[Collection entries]
--- START ---

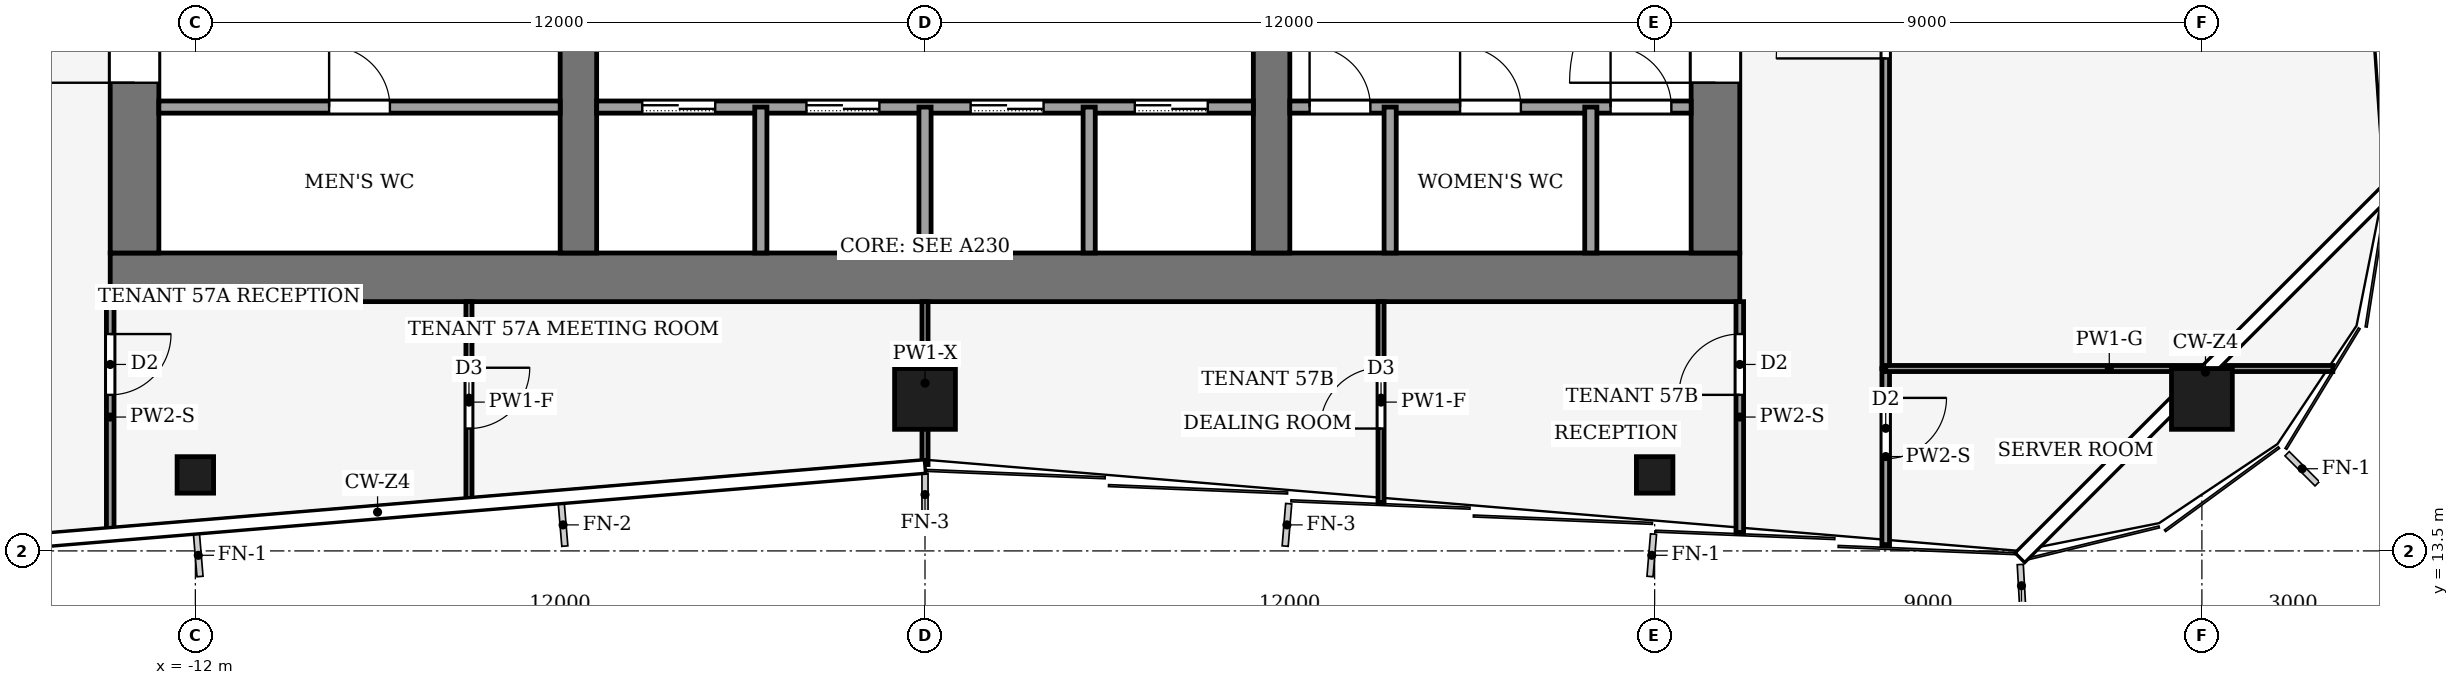
"""IFC4 building model, lengths in metres.
Left out: names, types, materials, properties, quantities, classifications, styles, units other than length and angle.
Written with IfcOpenShell. Run it as: python <this file> out.ifc"""

import sys

from ifc_helpers import new_model, si_unit, direction, frame, frame_2d, origin, origin_2d, place, context, subcontext, project, spatial, rectangle, hollow_rectangle, extrude, element, fill, save


model = new_model("IFC4")
c1 = context("Model", 3, precision=1e-05, world=origin(), true_north=direction((0.0, 1.0)))
c2 = subcontext(c1, "Body", "Model", "MODEL_VIEW")
j1 = project(units=[si_unit("LENGTHUNIT", "METRE"), si_unit("PLANEANGLEUNIT", "RADIAN")], contexts=[c1])
p1 = place(None, origin())
s1 = spatial("IfcSite", under=j1, at=p1, CompositionType="ELEMENT")
p2 = place(p1, origin())
s2 = spatial("IfcBuilding", under=s1, at=p2, CompositionType="ELEMENT")
p3 = place(p2, frame((0.0, 0.0, 250.0)))
s3 = spatial("IfcBuildingStorey", under=s2, at=p3, CompositionType="ELEMENT", Elevation=250.0)
p4 = place(p3, frame((-13.4, 18.0, -0.13), z_axis=(0.0, 0.0, 1.0), x_axis=(1.0, 0.0, 0.0)))
e1 = element("IfcWall", 1, at=p4, inside=s3, PredefinedType="SHEAR", context=c2, shape_type="SweptSolid", body=[
    extrude(rectangle(XDim=26.8, YDim=0.8, at=frame_2d((13.4, 0.0))), origin(), (0.0, 0.0, 1.0), 4.0),
])
p5 = place(p3, frame((-13.0, 18.4, -0.13), z_axis=(0.0, 0.0, 1.0), x_axis=(0.0, 1.0, 0.0)))
e2 = element("IfcWall", 2, at=p5, inside=s3, PredefinedType="SHEAR", context=c2, shape_type="SweptSolid", body=[
    extrude(rectangle(XDim=19.2, YDim=0.8, at=frame_2d((9.6, 0.0))), origin(), (0.0, 0.0, 1.0), 4.0),
])
p6 = place(p5, frame((2.8, 0.0, 0.13)))
e3 = element("IfcOpeningElement", 3, at=p6, cuts=e2, PredefinedType="OPENING", context=c2, shape_type="SweptSolid", body=[
    extrude(rectangle(XDim=2.4, YDim=2.4, at=frame_2d((1.2, 1.2))), frame((0.0, 0.41, 0.0), z_axis=(0.0, -1.0, 0.0), x_axis=(1.0, 0.0, 0.0)), (0.0, 0.0, 1.0), 0.82),
])
p7 = place(p5, frame((13.4, 0.0, 0.13)))
e4 = element("IfcOpeningElement", 4, at=p7, cuts=e2, PredefinedType="OPENING", context=c2, shape_type="SweptSolid", body=[
    extrude(rectangle(XDim=1.4, YDim=2.2, at=frame_2d((0.7, 1.1))), frame((0.0, 0.41, 0.0), z_axis=(0.0, -1.0, 0.0), x_axis=(1.0, 0.0, 0.0)), (0.0, 0.0, 1.0), 0.82),
])
p8 = place(p3, frame((13.0, 18.4, -0.13), z_axis=(0.0, 0.0, 1.0), x_axis=(0.0, 1.0, 0.0)))
e5 = element("IfcWall", 5, at=p8, inside=s3, PredefinedType="SHEAR", context=c2, shape_type="SweptSolid", body=[
    extrude(rectangle(XDim=19.2, YDim=0.8, at=frame_2d((9.6, 0.0))), origin(), (0.0, 0.0, 1.0), 4.0),
])
p9 = place(p8, frame((2.8, 0.0, 0.13)))
e6 = element("IfcOpeningElement", 6, at=p9, cuts=e5, PredefinedType="OPENING", context=c2, shape_type="SweptSolid", body=[
    extrude(rectangle(XDim=2.4, YDim=2.4, at=frame_2d((1.2, 1.2))), frame((0.0, 0.41, 0.0), z_axis=(0.0, -1.0, 0.0), x_axis=(1.0, 0.0, 0.0)), (0.0, 0.0, 1.0), 0.82),
])
p10 = place(p8, frame((13.3, 0.0, 0.13)))
e7 = element("IfcOpeningElement", 7, at=p10, cuts=e5, PredefinedType="OPENING", context=c2, shape_type="SweptSolid", body=[
    extrude(rectangle(XDim=2.4, YDim=2.4, at=frame_2d((1.2, 1.2))), frame((0.0, 0.41, 0.0), z_axis=(0.0, -1.0, 0.0), x_axis=(1.0, 0.0, 0.0)), (0.0, 0.0, 1.0), 0.82),
])
p11 = place(p3, frame((-5.7, 18.4, -0.13), z_axis=(0.0, 0.0, 1.0), x_axis=(0.0, 1.0, 0.0)))
e8 = element("IfcWall", 8, at=p11, inside=s3, PredefinedType="SHEAR", context=c2, shape_type="SweptSolid", body=[
    extrude(rectangle(XDim=19.2, YDim=0.6, at=frame_2d((9.6, 0.0))), origin(), (0.0, 0.0, 1.0), 4.0),
])
p12 = place(p11, frame((8.35, 0.0, 0.13)))
e9 = element("IfcOpeningElement", 9, at=p12, cuts=e8, PredefinedType="OPENING", context=c2, shape_type="SweptSolid", body=[
    extrude(rectangle(XDim=0.9, YDim=2.1, at=frame_2d((0.45, 1.05))), frame((0.0, 0.31, 0.0), z_axis=(0.0, -1.0, 0.0), x_axis=(1.0, 0.0, 0.0)), (0.0, 0.0, 1.0), 0.62),
])
p13 = place(p3, frame((5.7, 18.4, -0.13), z_axis=(0.0, 0.0, 1.0), x_axis=(0.0, 1.0, 0.0)))
e10 = element("IfcWall", 10, at=p13, inside=s3, PredefinedType="SHEAR", context=c2, shape_type="SweptSolid", body=[
    extrude(rectangle(XDim=19.2, YDim=0.6, at=frame_2d((9.6, 0.0))), origin(), (0.0, 0.0, 1.0), 4.0),
])
p14 = place(p13, frame((13.3, 0.0, 0.13)))
e11 = element("IfcOpeningElement", 11, at=p14, cuts=e10, PredefinedType="OPENING", context=c2, shape_type="SweptSolid", body=[
    extrude(rectangle(XDim=2.4, YDim=2.4, at=frame_2d((1.2, 1.2))), frame((0.0, 0.31, 0.0), z_axis=(0.0, -1.0, 0.0), x_axis=(1.0, 0.0, 0.0)), (0.0, 0.0, 1.0), 0.62),
])
for number, where, z_axis, x_axis in (
    (12, (21.0, 16.0, 0.0), (0.0, 0.0, 1.0), (1.0, 0.0, 0.0)),
    (13, (0.0, 16.0, 0.0), (0.0, 0.0, 1.0), (1.0, 0.0, 0.0)),
):
    element("IfcColumn", number, at=place(p3, frame(where, z_axis=z_axis, x_axis=x_axis)), inside=s3, PredefinedType="COLUMN", context=c2, shape_type="SweptSolid", body=[
        extrude(hollow_rectangle(XDim=1.0, YDim=1.0, WallThickness=0.045, at=origin_2d()), origin(), (0.0, 0.0, 1.0), 4.0),
    ])
for number, where, z_axis, x_axis in (
    (14, (-12.0, 14.75, 0.0), (0.0, 0.0, 1.0), (1.0, 0.0, 0.0)),
    (15, (12.0, 14.75, 0.0), (0.0, 0.0, 1.0), (1.0, 0.0, 0.0)),
):
    element("IfcColumn", number, at=place(p3, frame(where, z_axis=z_axis, x_axis=x_axis)), inside=s3, PredefinedType="COLUMN", context=c2, shape_type="SweptSolid", body=[
        extrude(hollow_rectangle(XDim=0.6, YDim=0.6, WallThickness=0.025, at=origin_2d()), origin(), (0.0, 0.0, 1.0), 4.0),
    ])
p15 = place(p3, frame((-12.6, 20.8, 0.0), z_axis=(0.0, 0.0, 1.0), x_axis=(1.0, 0.0, 0.0)))
e16 = element("IfcWall", 16, at=p15, inside=s3, PredefinedType="PARTITIONING", context=c2, shape_type="SweptSolid", body=[
    extrude(rectangle(XDim=6.6, YDim=0.2, at=frame_2d((3.3, 0.0))), origin(), (0.0, 0.0, 1.0), 3.87),
])
p16 = place(p15, frame((2.8, 0.0, 0.0)))
e17 = element("IfcOpeningElement", 17, at=p16, cuts=e16, PredefinedType="OPENING", context=c2, shape_type="SweptSolid", body=[
    extrude(rectangle(XDim=1.0, YDim=2.1, at=frame_2d((0.5, 1.05))), frame((0.0, 0.11, 0.0), z_axis=(0.0, -1.0, 0.0), x_axis=(1.0, 0.0, 0.0)), (0.0, 0.0, 1.0), 0.22),
])
p17 = place(p3, frame((-5.4, 20.8, 0.0), z_axis=(0.0, 0.0, 1.0), x_axis=(1.0, 0.0, 0.0)))
e18 = element("IfcWall", 18, at=p17, inside=s3, PredefinedType="PARTITIONING", context=c2, shape_type="SweptSolid", body=[
    extrude(rectangle(XDim=10.8, YDim=0.2, at=frame_2d((5.4, 0.0))), origin(), (0.0, 0.0, 1.0), 3.87),
])
p18 = place(p17, frame((0.75, 0.0, 0.0)))
e19 = element("IfcOpeningElement", 19, at=p18, cuts=e18, PredefinedType="OPENING", context=c2, shape_type="SweptSolid", body=[
    extrude(rectangle(XDim=1.2, YDim=2.2, at=frame_2d((0.6, 1.1))), frame((0.0, 0.11, 0.0), z_axis=(0.0, -1.0, 0.0), x_axis=(1.0, 0.0, 0.0)), (0.0, 0.0, 1.0), 0.22),
])
p19 = place(p17, frame((3.45, 0.0, 0.0)))
e20 = element("IfcOpeningElement", 20, at=p19, cuts=e18, PredefinedType="OPENING", context=c2, shape_type="SweptSolid", body=[
    extrude(rectangle(XDim=1.2, YDim=2.2, at=frame_2d((0.6, 1.1))), frame((0.0, 0.11, 0.0), z_axis=(0.0, -1.0, 0.0), x_axis=(1.0, 0.0, 0.0)), (0.0, 0.0, 1.0), 0.22),
])
p20 = place(p17, frame((6.15, 0.0, 0.0)))
e21 = element("IfcOpeningElement", 21, at=p20, cuts=e18, PredefinedType="OPENING", context=c2, shape_type="SweptSolid", body=[
    extrude(rectangle(XDim=1.2, YDim=2.2, at=frame_2d((0.6, 1.1))), frame((0.0, 0.11, 0.0), z_axis=(0.0, -1.0, 0.0), x_axis=(1.0, 0.0, 0.0)), (0.0, 0.0, 1.0), 0.22),
])
p21 = place(p17, frame((8.85, 0.0, 0.0)))
e22 = element("IfcOpeningElement", 22, at=p21, cuts=e18, PredefinedType="OPENING", context=c2, shape_type="SweptSolid", body=[
    extrude(rectangle(XDim=1.2, YDim=2.2, at=frame_2d((0.6, 1.1))), frame((0.0, 0.11, 0.0), z_axis=(0.0, -1.0, 0.0), x_axis=(1.0, 0.0, 0.0)), (0.0, 0.0, 1.0), 0.22),
])
p22 = place(p3, frame((6.0, 20.8, 0.0), z_axis=(0.0, 0.0, 1.0), x_axis=(1.0, 0.0, 0.0)))
e23 = element("IfcWall", 23, at=p22, inside=s3, PredefinedType="PARTITIONING", context=c2, shape_type="SweptSolid", body=[
    extrude(rectangle(XDim=6.6, YDim=0.2, at=frame_2d((3.3, 0.0))), origin(), (0.0, 0.0, 1.0), 3.87),
])
p23 = place(p22, frame((0.325, 0.0, 0.0)))
e24 = element("IfcOpeningElement", 24, at=p23, cuts=e23, PredefinedType="OPENING", context=c2, shape_type="SweptSolid", body=[
    extrude(rectangle(XDim=1.0, YDim=2.1, at=frame_2d((0.5, 1.05))), frame((0.0, 0.11, 0.0), z_axis=(0.0, -1.0, 0.0), x_axis=(1.0, 0.0, 0.0)), (0.0, 0.0, 1.0), 0.22),
])
p24 = place(p22, frame((2.8, 0.0, 0.0)))
e25 = element("IfcOpeningElement", 25, at=p24, cuts=e23, PredefinedType="OPENING", context=c2, shape_type="SweptSolid", body=[
    extrude(rectangle(XDim=1.0, YDim=2.1, at=frame_2d((0.5, 1.05))), frame((0.0, 0.11, 0.0), z_axis=(0.0, -1.0, 0.0), x_axis=(1.0, 0.0, 0.0)), (0.0, 0.0, 1.0), 0.22),
])
p25 = place(p22, frame((5.275, 0.0, 0.0)))
e26 = element("IfcOpeningElement", 26, at=p25, cuts=e23, PredefinedType="OPENING", context=c2, shape_type="SweptSolid", body=[
    extrude(rectangle(XDim=1.0, YDim=2.1, at=frame_2d((0.5, 1.05))), frame((0.0, 0.11, 0.0), z_axis=(0.0, -1.0, 0.0), x_axis=(1.0, 0.0, 0.0)), (0.0, 0.0, 1.0), 0.22),
])
for number, where, z_axis, x_axis in (
    (27, (-2.7, 18.4, 0.0), (0.0, 0.0, 1.0), (0.0, 1.0, 0.0)),
    (28, (0.0, 18.4, 0.0), (0.0, 0.0, 1.0), (0.0, 1.0, 0.0)),
    (29, (2.7, 18.4, 0.0), (0.0, 0.0, 1.0), (0.0, 1.0, 0.0)),
    (30, (7.65, 18.4, 0.0), (0.0, 0.0, 1.0), (0.0, 1.0, 0.0)),
    (31, (10.95, 18.4, 0.0), (0.0, 0.0, 1.0), (0.0, 1.0, 0.0)),
):
    element("IfcWall", number, at=place(p3, frame(where, z_axis=z_axis, x_axis=x_axis)), inside=s3, PredefinedType="PARTITIONING", context=c2, shape_type="SweptSolid", body=[
        extrude(rectangle(XDim=2.4, YDim=0.2, at=frame_2d((1.2, 0.0))), origin(), (0.0, 0.0, 1.0), 3.87),
    ])
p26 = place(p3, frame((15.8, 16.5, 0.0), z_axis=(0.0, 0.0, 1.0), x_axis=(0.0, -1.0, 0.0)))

--- END ---

Isolate the lines above that contain the word "direction" and copy them.

Output for this exercise ::
from ifc_helpers import new_model, si_unit, direction, frame, frame_2d, origin, origin_2d, place, context, subcontext, project, spatial, rectangle, hollow_rectangle, extrude, element, fill, save
c1 = context("Model", 3, precision=1e-05, world=origin(), true_north=direction((0.0, 1.0)))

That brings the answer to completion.